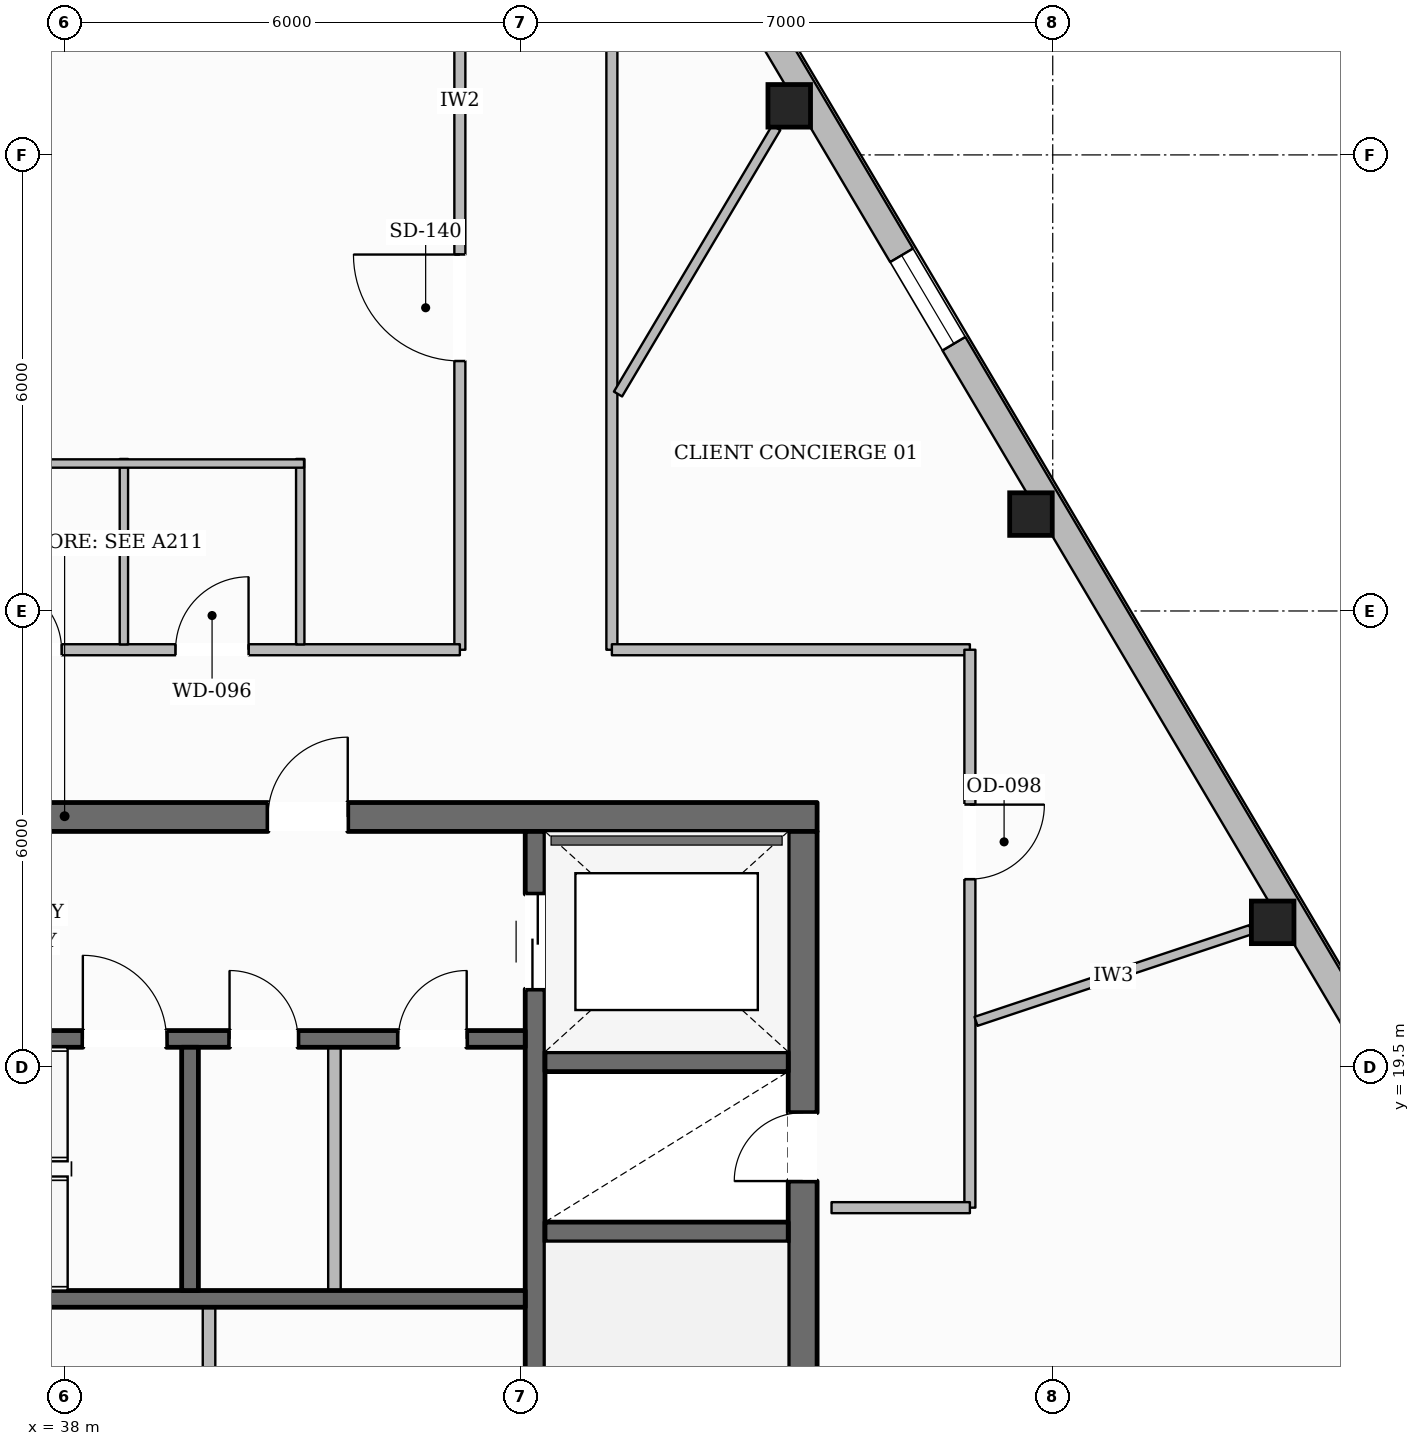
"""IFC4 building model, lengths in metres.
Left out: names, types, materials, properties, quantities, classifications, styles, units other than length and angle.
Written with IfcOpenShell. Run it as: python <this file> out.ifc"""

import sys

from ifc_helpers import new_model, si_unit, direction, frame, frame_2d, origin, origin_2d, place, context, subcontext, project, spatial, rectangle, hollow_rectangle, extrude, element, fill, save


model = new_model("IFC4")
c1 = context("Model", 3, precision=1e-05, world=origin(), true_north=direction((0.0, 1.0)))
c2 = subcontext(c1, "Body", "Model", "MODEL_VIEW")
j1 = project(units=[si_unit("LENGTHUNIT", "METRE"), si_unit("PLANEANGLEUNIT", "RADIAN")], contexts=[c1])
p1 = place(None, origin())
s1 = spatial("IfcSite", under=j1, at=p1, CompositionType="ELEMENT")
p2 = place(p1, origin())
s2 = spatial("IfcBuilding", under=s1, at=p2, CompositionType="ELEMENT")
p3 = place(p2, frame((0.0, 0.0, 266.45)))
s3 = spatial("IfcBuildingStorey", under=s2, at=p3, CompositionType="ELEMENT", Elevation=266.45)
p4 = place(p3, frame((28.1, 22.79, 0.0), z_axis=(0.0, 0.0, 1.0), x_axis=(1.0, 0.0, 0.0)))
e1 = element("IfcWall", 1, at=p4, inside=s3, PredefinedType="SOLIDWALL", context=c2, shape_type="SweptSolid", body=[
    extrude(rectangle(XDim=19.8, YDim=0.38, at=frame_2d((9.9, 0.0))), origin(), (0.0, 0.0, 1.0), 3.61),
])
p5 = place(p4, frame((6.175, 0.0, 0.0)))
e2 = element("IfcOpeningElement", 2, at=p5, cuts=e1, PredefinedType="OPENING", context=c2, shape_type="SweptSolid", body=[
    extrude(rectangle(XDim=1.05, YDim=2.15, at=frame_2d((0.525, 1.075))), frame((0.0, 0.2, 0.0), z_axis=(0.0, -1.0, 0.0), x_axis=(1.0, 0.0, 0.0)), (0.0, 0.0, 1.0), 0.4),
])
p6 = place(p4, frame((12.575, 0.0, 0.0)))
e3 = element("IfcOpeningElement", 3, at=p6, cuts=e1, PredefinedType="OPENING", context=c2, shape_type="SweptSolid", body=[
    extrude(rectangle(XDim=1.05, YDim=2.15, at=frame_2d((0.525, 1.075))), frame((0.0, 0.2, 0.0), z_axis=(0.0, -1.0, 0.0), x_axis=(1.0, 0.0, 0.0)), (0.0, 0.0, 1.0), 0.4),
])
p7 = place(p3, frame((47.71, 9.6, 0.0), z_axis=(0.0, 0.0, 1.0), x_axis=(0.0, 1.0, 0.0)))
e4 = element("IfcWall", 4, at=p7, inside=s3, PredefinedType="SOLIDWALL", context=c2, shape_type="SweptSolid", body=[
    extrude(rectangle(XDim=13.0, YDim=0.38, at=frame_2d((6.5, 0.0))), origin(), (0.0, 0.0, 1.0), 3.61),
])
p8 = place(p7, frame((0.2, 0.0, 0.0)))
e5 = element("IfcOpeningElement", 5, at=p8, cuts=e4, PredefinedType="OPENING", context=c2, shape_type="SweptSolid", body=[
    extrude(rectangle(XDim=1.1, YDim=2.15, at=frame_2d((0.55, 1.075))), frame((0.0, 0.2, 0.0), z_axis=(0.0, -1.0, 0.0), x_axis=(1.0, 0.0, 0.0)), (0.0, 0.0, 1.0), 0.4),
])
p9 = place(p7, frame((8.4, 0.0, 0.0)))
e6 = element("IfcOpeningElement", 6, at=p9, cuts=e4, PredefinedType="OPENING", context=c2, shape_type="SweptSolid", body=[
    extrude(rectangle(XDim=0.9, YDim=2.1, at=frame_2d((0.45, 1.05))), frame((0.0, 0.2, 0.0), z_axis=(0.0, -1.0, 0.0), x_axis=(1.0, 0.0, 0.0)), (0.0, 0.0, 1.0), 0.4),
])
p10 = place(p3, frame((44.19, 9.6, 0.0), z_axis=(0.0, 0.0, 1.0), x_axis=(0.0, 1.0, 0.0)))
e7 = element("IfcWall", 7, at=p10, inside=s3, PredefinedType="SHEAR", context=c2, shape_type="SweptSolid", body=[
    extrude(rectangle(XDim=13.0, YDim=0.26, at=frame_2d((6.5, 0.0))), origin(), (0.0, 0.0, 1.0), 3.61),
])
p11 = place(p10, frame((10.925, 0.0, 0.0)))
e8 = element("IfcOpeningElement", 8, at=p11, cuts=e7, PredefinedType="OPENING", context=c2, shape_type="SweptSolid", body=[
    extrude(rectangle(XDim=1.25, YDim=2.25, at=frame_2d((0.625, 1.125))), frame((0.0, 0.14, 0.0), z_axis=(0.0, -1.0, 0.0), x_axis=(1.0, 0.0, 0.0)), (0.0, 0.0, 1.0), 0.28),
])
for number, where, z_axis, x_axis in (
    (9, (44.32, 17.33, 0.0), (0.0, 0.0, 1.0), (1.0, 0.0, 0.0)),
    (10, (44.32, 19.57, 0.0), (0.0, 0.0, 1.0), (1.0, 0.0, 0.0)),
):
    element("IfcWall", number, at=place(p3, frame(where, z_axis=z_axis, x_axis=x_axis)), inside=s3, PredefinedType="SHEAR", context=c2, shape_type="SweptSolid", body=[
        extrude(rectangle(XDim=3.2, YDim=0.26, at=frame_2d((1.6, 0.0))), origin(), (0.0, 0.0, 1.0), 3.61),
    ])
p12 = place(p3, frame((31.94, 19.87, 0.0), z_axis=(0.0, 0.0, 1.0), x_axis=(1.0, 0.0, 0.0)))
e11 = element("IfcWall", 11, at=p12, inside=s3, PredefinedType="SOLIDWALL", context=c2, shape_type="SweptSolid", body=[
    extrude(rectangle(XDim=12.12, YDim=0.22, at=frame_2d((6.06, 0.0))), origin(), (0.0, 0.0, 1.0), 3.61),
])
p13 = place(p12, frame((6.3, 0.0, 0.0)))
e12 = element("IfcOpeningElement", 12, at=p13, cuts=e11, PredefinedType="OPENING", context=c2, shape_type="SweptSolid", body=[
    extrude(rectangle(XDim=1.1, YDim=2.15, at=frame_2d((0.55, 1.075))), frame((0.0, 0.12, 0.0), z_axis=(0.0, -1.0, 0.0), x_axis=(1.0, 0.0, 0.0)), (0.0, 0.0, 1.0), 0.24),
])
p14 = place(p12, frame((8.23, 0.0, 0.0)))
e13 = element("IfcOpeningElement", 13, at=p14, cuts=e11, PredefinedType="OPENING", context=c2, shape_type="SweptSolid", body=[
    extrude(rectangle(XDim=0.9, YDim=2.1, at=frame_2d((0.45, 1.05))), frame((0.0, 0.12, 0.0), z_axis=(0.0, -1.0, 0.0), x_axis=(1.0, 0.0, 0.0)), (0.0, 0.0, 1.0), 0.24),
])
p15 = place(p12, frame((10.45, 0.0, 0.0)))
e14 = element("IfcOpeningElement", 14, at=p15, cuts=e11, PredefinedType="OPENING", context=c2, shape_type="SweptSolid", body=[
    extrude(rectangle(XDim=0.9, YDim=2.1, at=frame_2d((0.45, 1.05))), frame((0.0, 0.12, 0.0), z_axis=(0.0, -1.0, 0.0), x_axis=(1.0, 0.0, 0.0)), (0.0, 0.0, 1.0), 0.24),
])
·····
**AIM OF THE TASK:** Return each line of the data where the word "CompositionType" appears.

**YOUR RESPONSE:**
s1 = spatial("IfcSite", under=j1, at=p1, CompositionType="ELEMENT")
s2 = spatial("IfcBuilding", under=s1, at=p2, CompositionType="ELEMENT")
s3 = spatial("IfcBuildingStorey", under=s2, at=p3, CompositionType="ELEMENT", Elevation=266.45)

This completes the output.